Task prompt:
Pictures stay out. Extract the lines below from the first one through the line with "Top Layer: signal copper 1.379", both included.

Collected data:
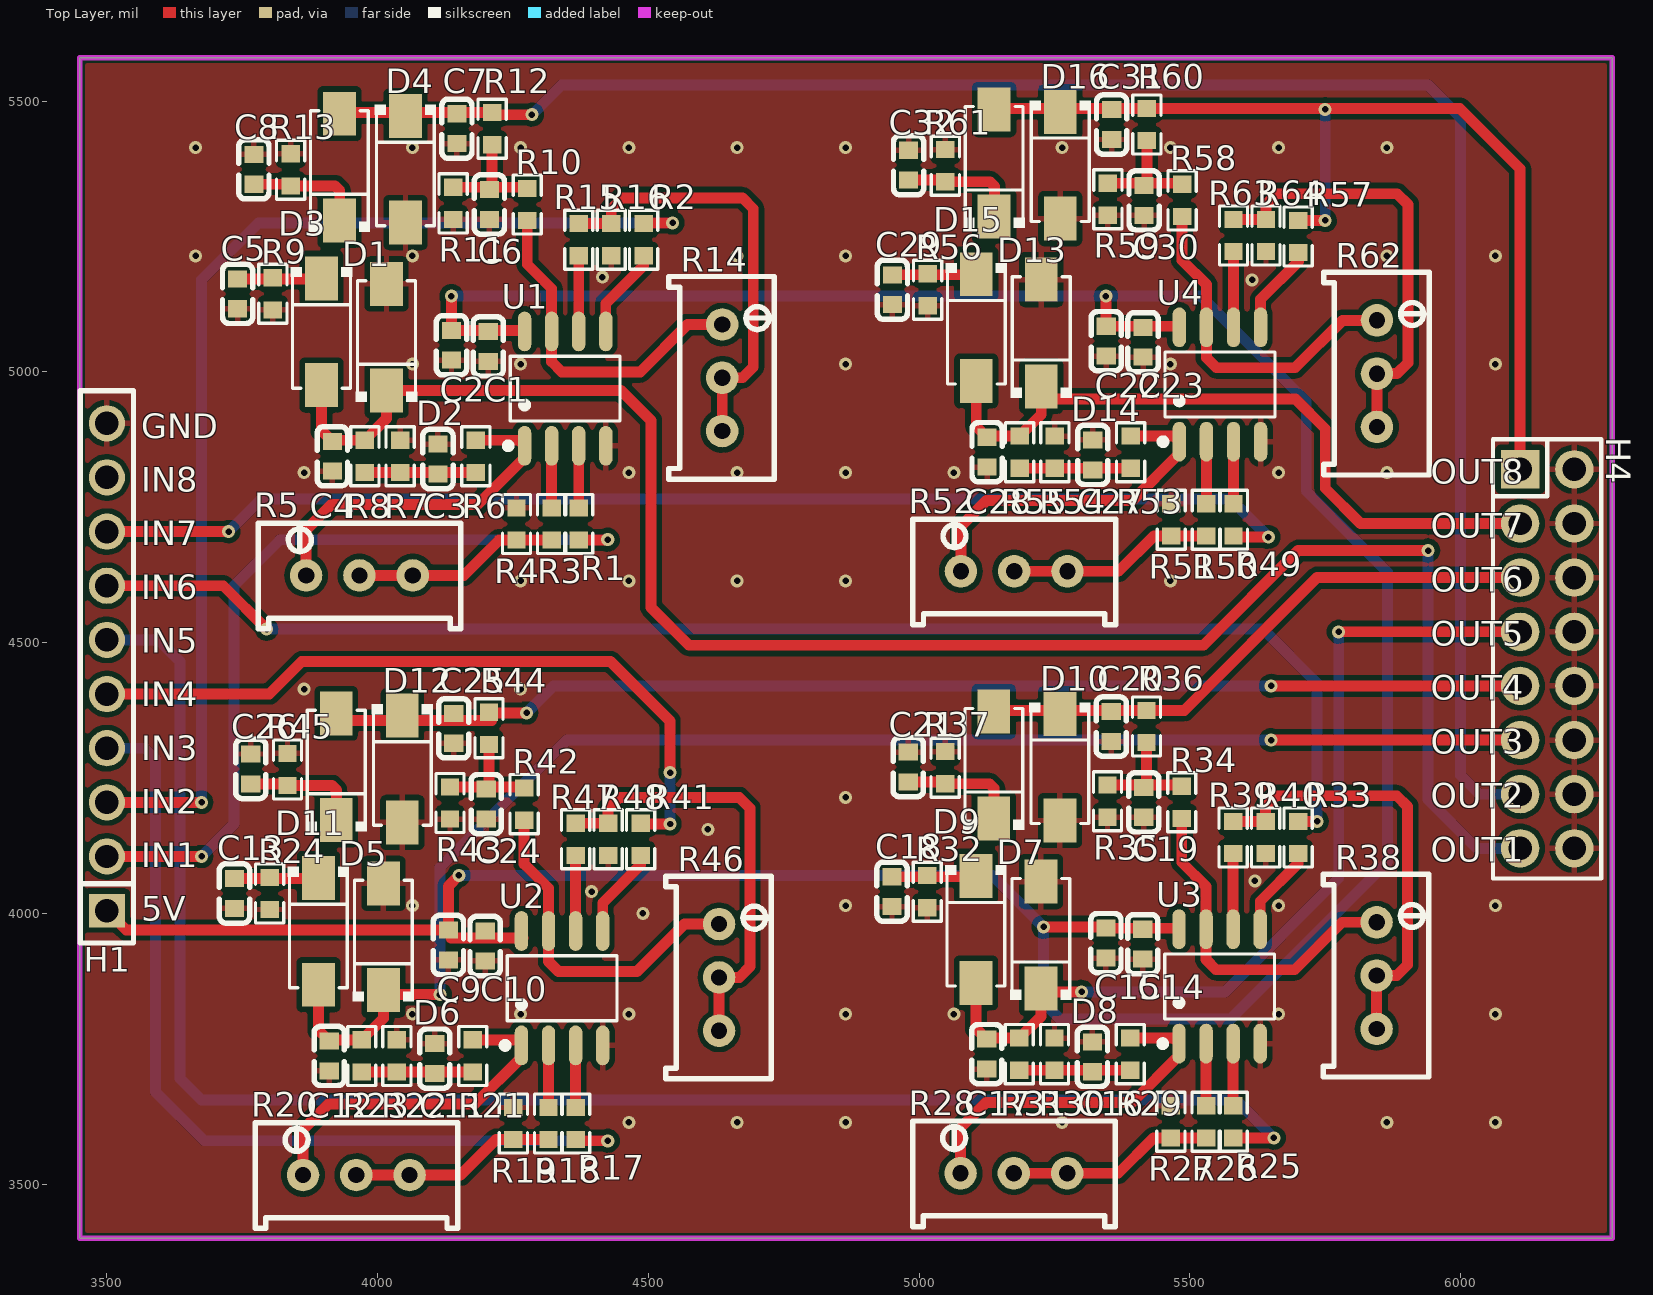
[diagram p0: Top Layer view]
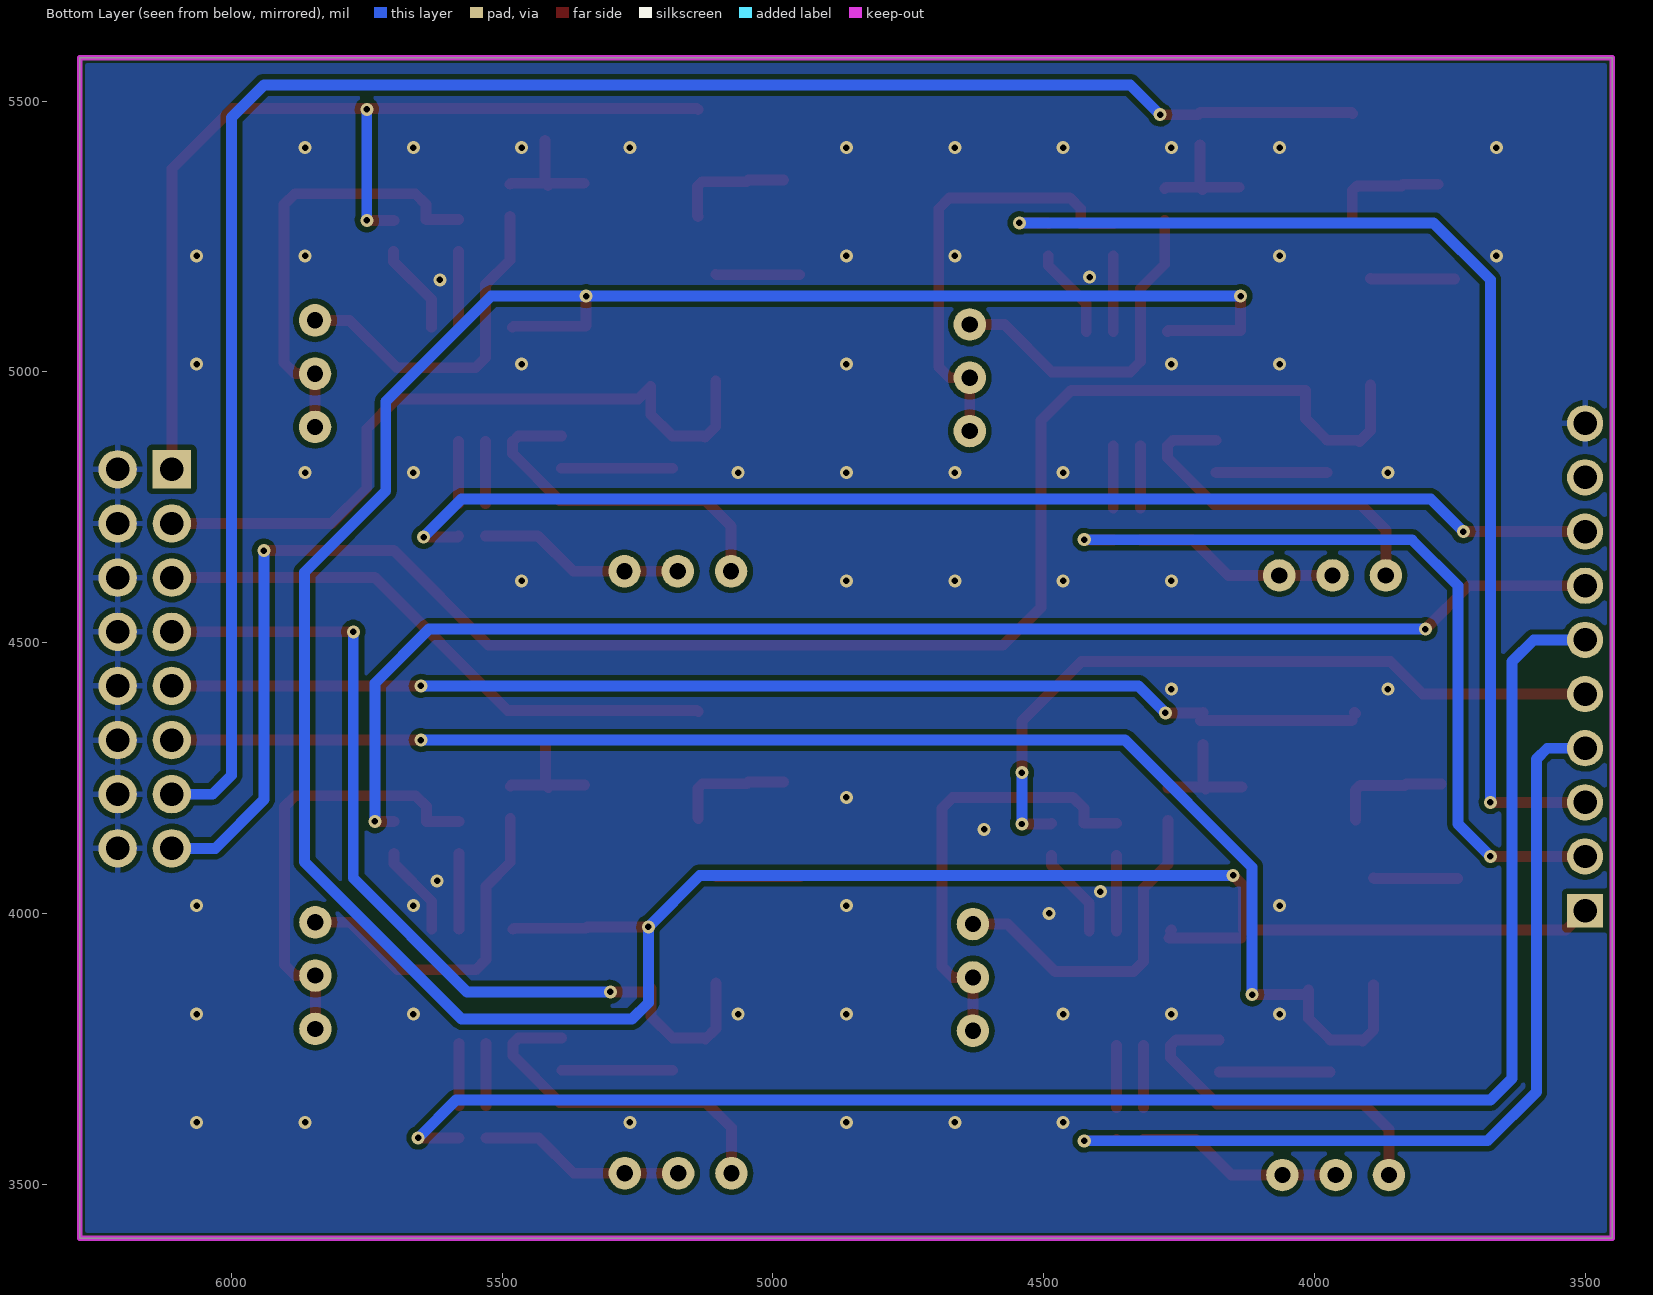
[diagram p1: Bottom Layer view, seen from below]
# Altium PCB MISC49941.pcbdoc
Units mil, origin at the board's own origin, x right, y up, seen from the top; angles counter-clockwise.
Board outline 2830 x 2180 mil, 2 copper layers (Top Layer, Bottom Layer), stack 62.206 mil thick; 118 components, 66 nets, 290 pads, 85 vias.

## Layer stack, top to bottom
Top Solder Mask Layer: solder mask 0.394, Dk 3.3
Top Layer: signal copper 1.379
Dielectric1: surface 59.449, FR4, Dk 4.5
Bottom Layer: signal copper 1.378
Bottom Solder Mask Layer: solder mask 0.394, Dk 3.3

## Board outline
3450,5580 3450,3400 6280,3400 6280,5580

## Design rules (kind name [scope] priority, off if disabled: settings)
BoardOutlineClearance copperThickness2oz_1 [All] p2 off: genericclearance=7.99 ignorepadtopadclearanceinfootprint=FALSE except(0: Arc-SplitContinuation Track-SplitContinuation SMDPad-SplitContinuation THPad-SplitContinuation Via-SplitContinuation Fill-SplitContinuation Region-SplitContinuation Poly-SplitContinuation Text-SplitContinuation Hole-SplitContinuation; 5.98: Arc-CutoutEdge SMDPad-CutoutEdge THPad-CutoutEdge Via-CutoutEdge Fill-CutoutEdge Region-CutoutEdge Text-CutoutEdge; 6.93: Hole-OutlineEdge Hole-CutoutEdge; 10: Poly-OutlineEdge Poly-CutoutEdge; 11.81: Arc-OutlineEdge Track-OutlineEdge SMDPad-OutlineEdge THPad-OutlineEdge Via-OutlineEdge Fill-OutlineEdge Region-OutlineEdge Text-OutlineEdge Track-CutoutEdge)
BoardOutlineClearance copperThickness1oz_1 [All] p4: genericclearance=4.02 ignorepadtopadclearanceinfootprint=FALSE except(0: Arc-SplitContinuation Track-SplitContinuation SMDPad-SplitContinuation THPad-SplitContinuation Via-SplitContinuation Fill-SplitContinuation Region-SplitContinuation Poly-SplitContinuation Text-SplitContinuation Hole-SplitContinuation; 6: SMDPad-CutoutEdge THPad-CutoutEdge Via-CutoutEdge Fill-CutoutEdge Region-CutoutEdge Text-CutoutEdge; 6.93: Hole-OutlineEdge Hole-CutoutEdge; 10: Poly-OutlineEdge Poly-CutoutEdge; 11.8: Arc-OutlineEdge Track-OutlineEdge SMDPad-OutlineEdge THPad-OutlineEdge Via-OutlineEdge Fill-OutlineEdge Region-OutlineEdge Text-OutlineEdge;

Exercise answer:
[diagram p0: Top Layer view]
[diagram p1: Bottom Layer view, seen from below]
# Altium PCB MISC49941.pcbdoc
Units mil, origin at the board's own origin, x right, y up, seen from the top; angles counter-clockwise.
Board outline 2830 x 2180 mil, 2 copper layers (Top Layer, Bottom Layer), stack 62.206 mil thick; 118 components, 66 nets, 290 pads, 85 vias.

## Layer stack, top to bottom
Top Solder Mask Layer: solder mask 0.394, Dk 3.3
Top Layer: signal copper 1.379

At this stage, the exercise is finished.